[Saved entries]
_ _ _ _ _ _ _

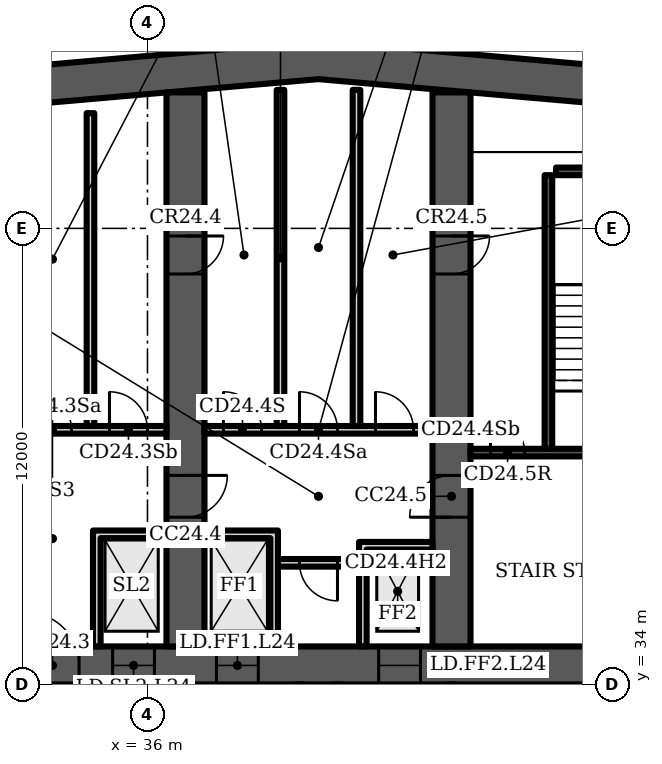
"""IFC4 building model, lengths in metres.
Left out: names, types, materials, properties, quantities, classifications, styles, units other than length and angle.
Written with IfcOpenShell. Run it as: python <this file> out.ifc"""

import sys

from ifc_helpers import new_model, si_unit, direction, frame, frame_2d, origin, place, context, subcontext, project, spatial, polyline, rectangle, outline, extrude, element, fill, save


model = new_model("IFC4")
c1 = context("Model", 3, precision=1e-05, world=origin(), true_north=direction((0.0, 1.0)))
c2 = subcontext(c1, "Body", "Model", "MODEL_VIEW")
j1 = project(units=[si_unit("LENGTHUNIT", "METRE"), si_unit("PLANEANGLEUNIT", "RADIAN")], contexts=[c1])
p1 = place(None, origin())
s1 = spatial("IfcSite", under=j1, at=p1, CompositionType="ELEMENT")
p2 = place(p1, origin())
s2 = spatial("IfcBuilding", under=s1, at=p2, CompositionType="ELEMENT")
p3 = place(p2, frame((0.0, 0.0, 107.5)))
s3 = spatial("IfcBuildingStorey", under=s2, at=p3, CompositionType="ELEMENT", Elevation=107.5)
p4 = place(p3, origin())
e1 = element("IfcWall", 1, at=p4, inside=s3, PredefinedType="SHEAR", context=c2, shape_type="SweptSolid", body=[
    extrude(outline(polyline([(16.0, 47.784), (40.5, 49.927), (65.0, 47.784), (65.0, 48.787), (40.5, 50.931), (16.0, 48.787), (16.0, 47.784)])), origin(), (0.0, 0.0, 1.0), 3.6),
])
p5 = place(p3, frame((16.0, 34.5, 0.0), z_axis=(0.0, 0.0, 1.0), x_axis=(1.0, 0.0, 0.0)))
e2 = element("IfcWall", 2, at=p5, inside=s3, PredefinedType="SHEAR", context=c2, shape_type="SweptSolid", body=[
    extrude(rectangle(XDim=49.0, YDim=1.0, at=frame_2d((24.5, 0.0))), origin(), (0.0, 0.0, 1.0), 3.6),
])
p6 = place(p5, frame((1.2, 0.0, 0.0)))
e3 = element("IfcOpeningElement", 3, at=p6, cuts=e2, PredefinedType="OPENING", context=c2, shape_type="SweptSolid", body=[
    extrude(rectangle(XDim=1.1, YDim=2.1, at=frame_2d((0.55, 1.05))), frame((0.0, 0.51, 0.0), z_axis=(0.0, -1.0, 0.0), x_axis=(1.0, 0.0, 0.0)), (0.0, 0.0, 1.0), 1.02),
])
p7 = place(p5, frame((5.083, 0.0, 0.0)))
e4 = element("IfcOpeningElement", 4, at=p7, cuts=e2, PredefinedType="OPENING", context=c2, shape_type="SweptSolid", body=[
    extrude(rectangle(XDim=1.1, YDim=2.1, at=frame_2d((0.55, 1.05))), frame((0.0, 0.51, 0.0), z_axis=(0.0, -1.0, 0.0), x_axis=(1.0, 0.0, 0.0)), (0.0, 0.0, 1.0), 1.02),
])
p8 = place(p5, frame((2.933, 0.0, 0.0)))
e5 = element("IfcOpeningElement", 5, at=p8, cuts=e2, PredefinedType="OPENING", context=c2, shape_type="SweptSolid", body=[
    extrude(rectangle(XDim=1.4, YDim=2.1, at=frame_2d((0.7, 1.05))), frame((0.0, 0.51, 0.0), z_axis=(0.0, -1.0, 0.0), x_axis=(1.0, 0.0, 0.0)), (0.0, 0.0, 1.0), 1.02),
])
p9 = place(p5, frame((7.65, 0.0, 0.0)))
e6 = element("IfcOpeningElement", 6, at=p9, cuts=e2, PredefinedType="OPENING", context=c2, shape_type="SweptSolid", body=[
    extrude(rectangle(XDim=1.2, YDim=2.1, at=frame_2d((0.6, 1.05))), frame((0.0, 0.51, 0.0), z_axis=(0.0, -1.0, 0.0), x_axis=(1.0, 0.0, 0.0)), (0.0, 0.0, 1.0), 1.02),
])
p10 = place(p5, frame((14.817, 0.0, 0.0)))
e7 = element("IfcOpeningElement", 7, at=p10, cuts=e2, PredefinedType="OPENING", context=c2, shape_type="SweptSolid", body=[
    extrude(rectangle(XDim=1.1, YDim=2.1, at=frame_2d((0.55, 1.05))), frame((0.0, 0.51, 0.0), z_axis=(0.0, -1.0, 0.0), x_axis=(1.0, 0.0, 0.0)), (0.0, 0.0, 1.0), 1.02),
])
p11 = place(p5, frame((19.083, 0.0, 0.0)))
e8 = element("IfcOpeningElement", 8, at=p11, cuts=e2, PredefinedType="OPENING", context=c2, shape_type="SweptSolid", body=[
    extrude(rectangle(XDim=1.1, YDim=2.1, at=frame_2d((0.55, 1.05))), frame((0.0, 0.51, 0.0), z_axis=(0.0, -1.0, 0.0), x_axis=(1.0, 0.0, 0.0)), (0.0, 0.0, 1.0), 1.02),
])
p12 = place(p5, frame((16.8, 0.0, 0.0)))
e9 = element("IfcOpeningElement", 9, at=p12, cuts=e2, PredefinedType="OPENING", context=c2, shape_type="SweptSolid", body=[
    extrude(rectangle(XDim=1.4, YDim=2.1, at=frame_2d((0.7, 1.05))), frame((0.0, 0.51, 0.0), z_axis=(0.0, -1.0, 0.0), x_axis=(1.0, 0.0, 0.0)), (0.0, 0.0, 1.0), 1.02),
])
p13 = place(p5, frame((21.817, 0.0, 0.0)))
e10 = element("IfcOpeningElement", 10, at=p13, cuts=e2, PredefinedType="OPENING", context=c2, shape_type="SweptSolid", body=[
    extrude(rectangle(XDim=1.1, YDim=2.1, at=frame_2d((0.55, 1.05))), frame((0.0, 0.51, 0.0), z_axis=(0.0, -1.0, 0.0), x_axis=(1.0, 0.0, 0.0)), (0.0, 0.0, 1.0), 1.02),
])
p14 = place(p5, frame((26.083, 0.0, 0.0)))
e11 = element("IfcOpeningElement", 11, at=p14, cuts=e2, PredefinedType="OPENING", context=c2, shape_type="SweptSolid", body=[
    extrude(rectangle(XDim=1.1, YDim=2.1, at=frame_2d((0.55, 1.05))), frame((0.0, 0.51, 0.0), z_axis=(0.0, -1.0, 0.0), x_axis=(1.0, 0.0, 0.0)), (0.0, 0.0, 1.0), 1.02),
])
p15 = place(p5, frame((33.15, 0.0, 0.0)))
e12 = element("IfcOpeningElement", 12, at=p15, cuts=e2, PredefinedType="OPENING", context=c2, shape_type="SweptSolid", body=[
    extrude(rectangle(XDim=1.2, YDim=2.1, at=frame_2d((0.6, 1.05))), frame((0.0, 0.51, 0.0), z_axis=(0.0, -1.0, 0.0), x_axis=(1.0, 0.0, 0.0)), (0.0, 0.0, 1.0), 1.02),
])
p16 = place(p5, frame((37.8, 0.0, 0.0)))
e13 = element("IfcOpeningElement", 13, at=p16, cuts=e2, PredefinedType="OPENING", context=c2, shape_type="SweptSolid", body=[
    extrude(rectangle(XDim=1.4, YDim=2.1, at=frame_2d((0.7, 1.05))), frame((0.0, 0.51, 0.0), z_axis=(0.0, -1.0, 0.0), x_axis=(1.0, 0.0, 0.0)), (0.0, 0.0, 1.0), 1.02),
])
p17 = place(p5, frame((42.817, 0.0, 0.0)))
e14 = element("IfcOpeningElement", 14, at=p17, cuts=e2, PredefinedType="OPENING", context=c2, shape_type="SweptSolid", body=[
    extrude(rectangle(XDim=1.1, YDim=2.1, at=frame_2d((0.55, 1.05))), frame((0.0, 0.51, 0.0), z_axis=(0.0, -1.0, 0.0), x_axis=(1.0, 0.0, 0.0)), (0.0, 0.0, 1.0), 1.02),
])
p18 = place(p5, frame((46.7, 0.0, 0.0)))
e15 = element("IfcOpeningElement", 15, at=p18, cuts=e2, PredefinedType="OPENING", context=c2, shape_type="SweptSolid", body=[
    extrude(rectangle(XDim=1.1, YDim=2.1, at=frame_2d((0.55, 1.05))), frame((0.0, 0.51, 0.0), z_axis=(0.0, -1.0, 0.0), x_axis=(1.0, 0.0, 0.0)), (0.0, 0.0, 1.0), 1.02),
])
p19 = place(p5, frame((44.667, 0.0, 0.0)))
e16 = element("IfcOpeningElement", 16, at=p19, cuts=e2, PredefinedType="OPENING", context=c2, shape_type="SweptSolid", body=[
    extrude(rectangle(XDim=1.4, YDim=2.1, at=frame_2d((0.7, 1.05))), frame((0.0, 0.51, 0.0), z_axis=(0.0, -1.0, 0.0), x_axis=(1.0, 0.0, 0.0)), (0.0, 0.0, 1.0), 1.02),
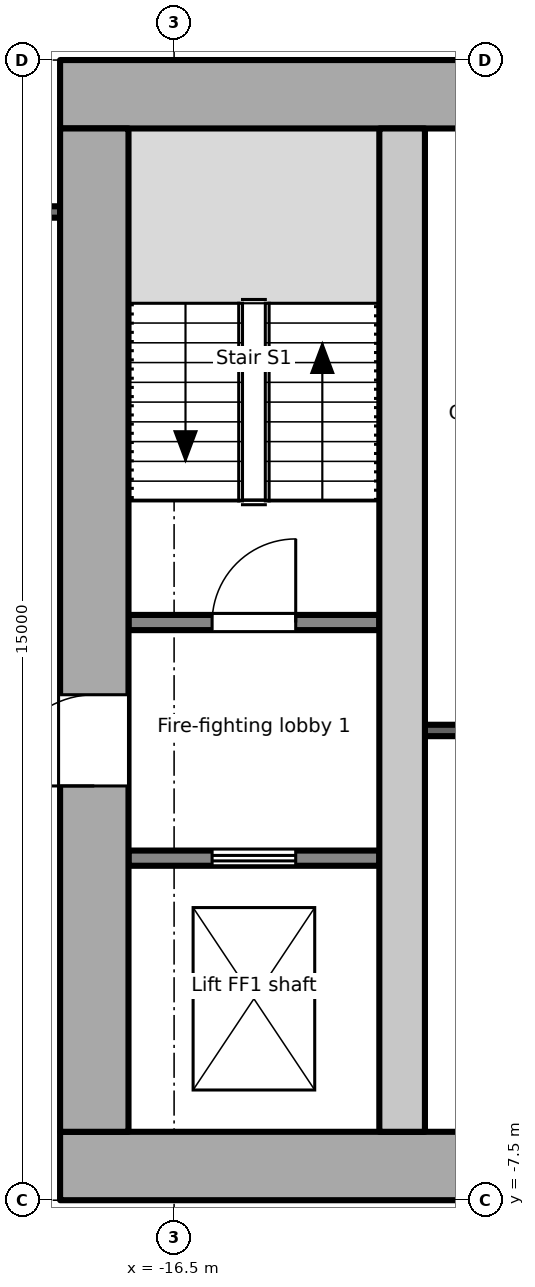
"""IFC4 building model, lengths in metres.
Left out: names, types, materials, properties, quantities, classifications, styles, units other than length and angle.
Written with IfcOpenShell. Run it as: python <this file> out.ifc"""

import sys

from ifc_helpers import new_model, si_unit, direction, frame, frame_2d, origin, place, context, subcontext, project, spatial, rectangle, extrude, element, fill, save


model = new_model("IFC4")
c1 = context("Model", 3, precision=1e-05, world=origin(), true_north=direction((0.0, 1.0)))
c2 = subcontext(c1, "Body", "Model", "MODEL_VIEW")
j1 = project(units=[si_unit("LENGTHUNIT", "METRE"), si_unit("PLANEANGLEUNIT", "RADIAN")], contexts=[c1])
p1 = place(None, origin())
s1 = spatial("IfcSite", under=j1, at=p1, CompositionType="ELEMENT")
p2 = place(p1, origin())
s2 = spatial("IfcBuilding", under=s1, at=p2, CompositionType="ELEMENT")
p3 = place(p2, frame((0.0, 0.0, 195.8)))
s3 = spatial("IfcBuildingStorey", under=s2, at=p3, CompositionType="ELEMENT", Elevation=195.8)
p4 = place(p3, frame((-18.0, -7.05, -0.2), z_axis=(0.0, 0.0, 1.0), x_axis=(1.0, 0.0, 0.0)))
e1 = element("IfcWall", 1, at=p4, inside=s3, PredefinedType="SHEAR", context=c2, shape_type="SweptSolid", body=[
    extrude(rectangle(XDim=36.0, YDim=0.9, at=frame_2d((18.0, 0.0))), origin(), (0.0, 0.0, 1.0), 3.9),
])
p5 = place(p4, frame((8.1, 0.0, 0.2)))
e2 = element("IfcOpeningElement", 2, at=p5, cuts=e1, PredefinedType="OPENING", context=c2, shape_type="SweptSolid", body=[
    extrude(rectangle(XDim=1.8, YDim=2.1, at=frame_2d((0.9, 1.05))), frame((0.0, 0.46, 0.0), z_axis=(0.0, -1.0, 0.0), x_axis=(1.0, 0.0, 0.0)), (0.0, 0.0, 1.0), 0.921),
])
p6 = place(p4, frame((16.8, 0.0, 0.2)))
e3 = element("IfcOpeningElement", 3, at=p6, cuts=e1, PredefinedType="OPENING", context=c2, shape_type="SweptSolid", body=[
    extrude(rectangle(XDim=2.4, YDim=2.1, at=frame_2d((1.2, 1.05))), frame((0.0, 0.46, 0.0), z_axis=(0.0, -1.0, 0.0), x_axis=(1.0, 0.0, 0.0)), (0.0, 0.0, 1.0), 0.921),
])
p7 = place(p4, frame((26.1, 0.0, 0.2)))
e4 = element("IfcOpeningElement", 4, at=p7, cuts=e1, PredefinedType="OPENING", context=c2, shape_type="SweptSolid", body=[
    extrude(rectangle(XDim=2.4, YDim=2.1, at=frame_2d((1.2, 1.05))), frame((0.0, 0.46, 0.0), z_axis=(0.0, -1.0, 0.0), x_axis=(1.0, 0.0, 0.0)), (0.0, 0.0, 1.0), 0.921),
])
p8 = place(p3, frame((-18.0, 7.05, -0.2), z_axis=(0.0, 0.0, 1.0), x_axis=(1.0, 0.0, 0.0)))
e5 = element("IfcWall", 5, at=p8, inside=s3, PredefinedType="SHEAR", context=c2, shape_type="SweptSolid", body=[
    extrude(rectangle(XDim=36.0, YDim=0.9, at=frame_2d((18.0, 0.0))), origin(), (0.0, 0.0, 1.0), 3.9),
])
p9 = place(p3, frame((-17.55, -6.6, -0.2), z_axis=(0.0, 0.0, 1.0), x_axis=(0.0, 1.0, 0.0)))
e6 = element("IfcWall", 6, at=p9, inside=s3, PredefinedType="SHEAR", context=c2, shape_type="SweptSolid", body=[
    extrude(rectangle(XDim=13.2, YDim=0.9, at=frame_2d((6.6, 0.0))), origin(), (0.0, 0.0, 1.0), 3.9),
])
p10 = place(p9, frame((4.55, 0.0, 0.2)))
e7 = element("IfcOpeningElement", 7, at=p10, cuts=e6, PredefinedType="OPENING", context=c2, shape_type="SweptSolid", body=[
    extrude(rectangle(XDim=1.2, YDim=2.1, at=frame_2d((0.6, 1.05))), frame((0.0, 0.46, 0.0), z_axis=(0.0, -1.0, 0.0), x_axis=(1.0, 0.0, 0.0)), (0.0, 0.0, 1.0), 0.921),
])
p11 = place(p3, frame((-13.5, -6.6, -0.2), z_axis=(0.0, 0.0, 1.0), x_axis=(0.0, 1.0, 0.0)))
e8 = element("IfcWall", 8, at=p11, inside=s3, PredefinedType="SHEAR", context=c2, shape_type="SweptSolid", body=[
    extrude(rectangle(XDim=13.2, YDim=0.6, at=frame_2d((6.6, 0.0))), origin(), (0.0, 0.0, 1.0), 3.9),
])
p12 = place(p3, frame((-17.1, -3.0, 0.0), z_axis=(0.0, 0.0, 1.0), x_axis=(1.0, 0.0, 0.0)))
e9 = element("IfcWall", 9, at=p12, inside=s3, PredefinedType="PARTITIONING", context=c2, shape_type="SweptSolid", body=[
    extrude(rectangle(XDim=3.3, YDim=0.2, at=frame_2d((1.65, 0.0))), origin(), (0.0, 0.0, 1.0), 3.7),
])
p13 = place(p12, frame((1.1, 0.0, 0.0)))
e10 = element("IfcOpeningElement", 10, at=p13, cuts=e9, PredefinedType="OPENING", context=c2, shape_type="SweptSolid", body=[
    extrude(rectangle(XDim=1.1, YDim=2.1, at=frame_2d((0.55, 1.05))), frame((0.0, 0.111, 0.0), z_axis=(0.0, -1.0, 0.0), x_axis=(1.0, 0.0, 0.0)), (0.0, 0.0, 1.0), 0.221),
])
p14 = place(p3, frame((-17.1, 0.1, 0.0), z_axis=(0.0, 0.0, 1.0), x_axis=(1.0, 0.0, 0.0)))
e11 = element("IfcWall", 11, at=p14, inside=s3, PredefinedType="PARTITIONING", context=c2, shape_type="SweptSolid", body=[
    extrude(rectangle(XDim=3.3, YDim=0.2, at=frame_2d((1.65, 0.0))), origin(), (0.0, 0.0, 1.0), 3.7),
])
p15 = place(p14, frame((1.1, 0.0, 0.0)))
e12 = element("IfcOpeningElement", 12, at=p15, cuts=e11, PredefinedType="OPENING", context=c2, shape_type="SweptSolid", body=[
    extrude(rectangle(XDim=1.1, YDim=2.1, at=frame_2d((0.55, 1.05))), frame((0.0, 0.111, 0.0), z_axis=(0.0, -1.0, 0.0), x_axis=(1.0, 0.0, 0.0)), (0.0, 0.0, 1.0), 0.221),
])
p16 = place(p3, frame((-13.2, -1.32, 0.0), z_axis=(0.0, 0.0, 1.0), x_axis=(1.0, 0.0, 0.0)))
e13 = element("IfcWall", 13, at=p16, inside=s3, PredefinedType="PARTITIONING", context=c2, shape_type="SweptSolid", body=[
    extrude(rectangle(XDim=3.05, YDim=0.15, at=frame_2d((1.525, 0.0))), origin(), (0.0, 0.0, 1.0), 3.7),
])
p17 = place(p3, frame((-20.325, 5.501, 0.0), z_axis=(0.0, 0.0, 1.0), x_axis=(1.0, 0.0, 0.0)))
e14 = element("IfcWall", 14, at=p17, inside=s3, PredefinedType="PARTITIONING", context=c2, shape_type="SweptSolid", body=[
    extrude(rectangle(XDim=2.325, YDim=0.15, at=frame_2d((1.163, 0.0))), origin(), (0.0, 0.0, 1.0), 3.7),
])
p18 = place(p13, origin())
e15 = element("IfcDoor", 15, at=p18, inside=s3, OperationType="DOUBLE_DOOR_SLIDING", PredefinedType="DOOR", context=c2, shape_type="SweptSolid", body=[
    extrude(rectangle(XDim=1.1, YDim=2.1, at=frame_2d((0.55, 1.05))), frame((0.0, 0.025, 0.0), z_axis=(0.0, -1.0, 0.0), x_axis=(1.0, 0.0, 0.0)), (0.0, 0.0, 1.0), 0.05),
])
fill(e10, e15)
p19 = place(p10, origin())
e16 = element("IfcDoor", 16, at=p19, inside=s3, OperationType="SINGLE_SWING_LEFT", PredefinedType="DOOR", context=c2, shape_type="SweptSolid", body=[
    extrude(rectangle(XDim=1.2, YDim=2.1, at=frame_2d((0.6, 1.05))), frame((0.0, 0.025, 0.0), z_axis=(0.0, -1.0, 0.0), x_axis=(1.0, 0.0, 0.0)), (0.0, 0.0, 1.0), 0.05),
])
fill(e7, e16)
p20 = place(p15, origin())
e17 = element("IfcDoor", 17, at=p20, inside=s3, OperationType="SINGLE_SWING_RIGHT", PredefinedType="DOOR", context=c2, shape_type="SweptSolid", body=[
    extrude(rectangle(XDim=1.1, YDim=2.1, at=frame_2d((0.55, 1.05))), frame((0.0, 0.025, 0.0), z_axis=(0.0, -1.0, 0.0), x_axis=(1.0, 0.0, 0.0)), (0.0, 0.0, 1.0), 0.05),
])
fill(e12, e17)
save(model, sys.argv[1])

_ _ _ _ _ _ _

**What this task involves**
Please copy the lines in the records above between the one holding "p12 = place(p5, frame((16.8, 0.0, 0.0)))" and the one holding "p14 = place(p5, frame((26.083, 0.0, 0.0)))", inclusive, exactly and with no other line.

**Task result**
p12 = place(p5, frame((16.8, 0.0, 0.0)))
e9 = element("IfcOpeningElement", 9, at=p12, cuts=e2, PredefinedType="OPENING", context=c2, shape_type="SweptSolid", body=[
    extrude(rectangle(XDim=1.4, YDim=2.1, at=frame_2d((0.7, 1.05))), frame((0.0, 0.51, 0.0), z_axis=(0.0, -1.0, 0.0), x_axis=(1.0, 0.0, 0.0)), (0.0, 0.0, 1.0), 1.02),
])
p13 = place(p5, frame((21.817, 0.0, 0.0)))
e10 = element("IfcOpeningElement", 10, at=p13, cuts=e2, PredefinedType="OPENING", context=c2, shape_type="SweptSolid", body=[
    extrude(rectangle(XDim=1.1, YDim=2.1, at=frame_2d((0.55, 1.05))), frame((0.0, 0.51, 0.0), z_axis=(0.0, -1.0, 0.0), x_axis=(1.0, 0.0, 0.0)), (0.0, 0.0, 1.0), 1.02),
])
p14 = place(p5, frame((26.083, 0.0, 0.0)))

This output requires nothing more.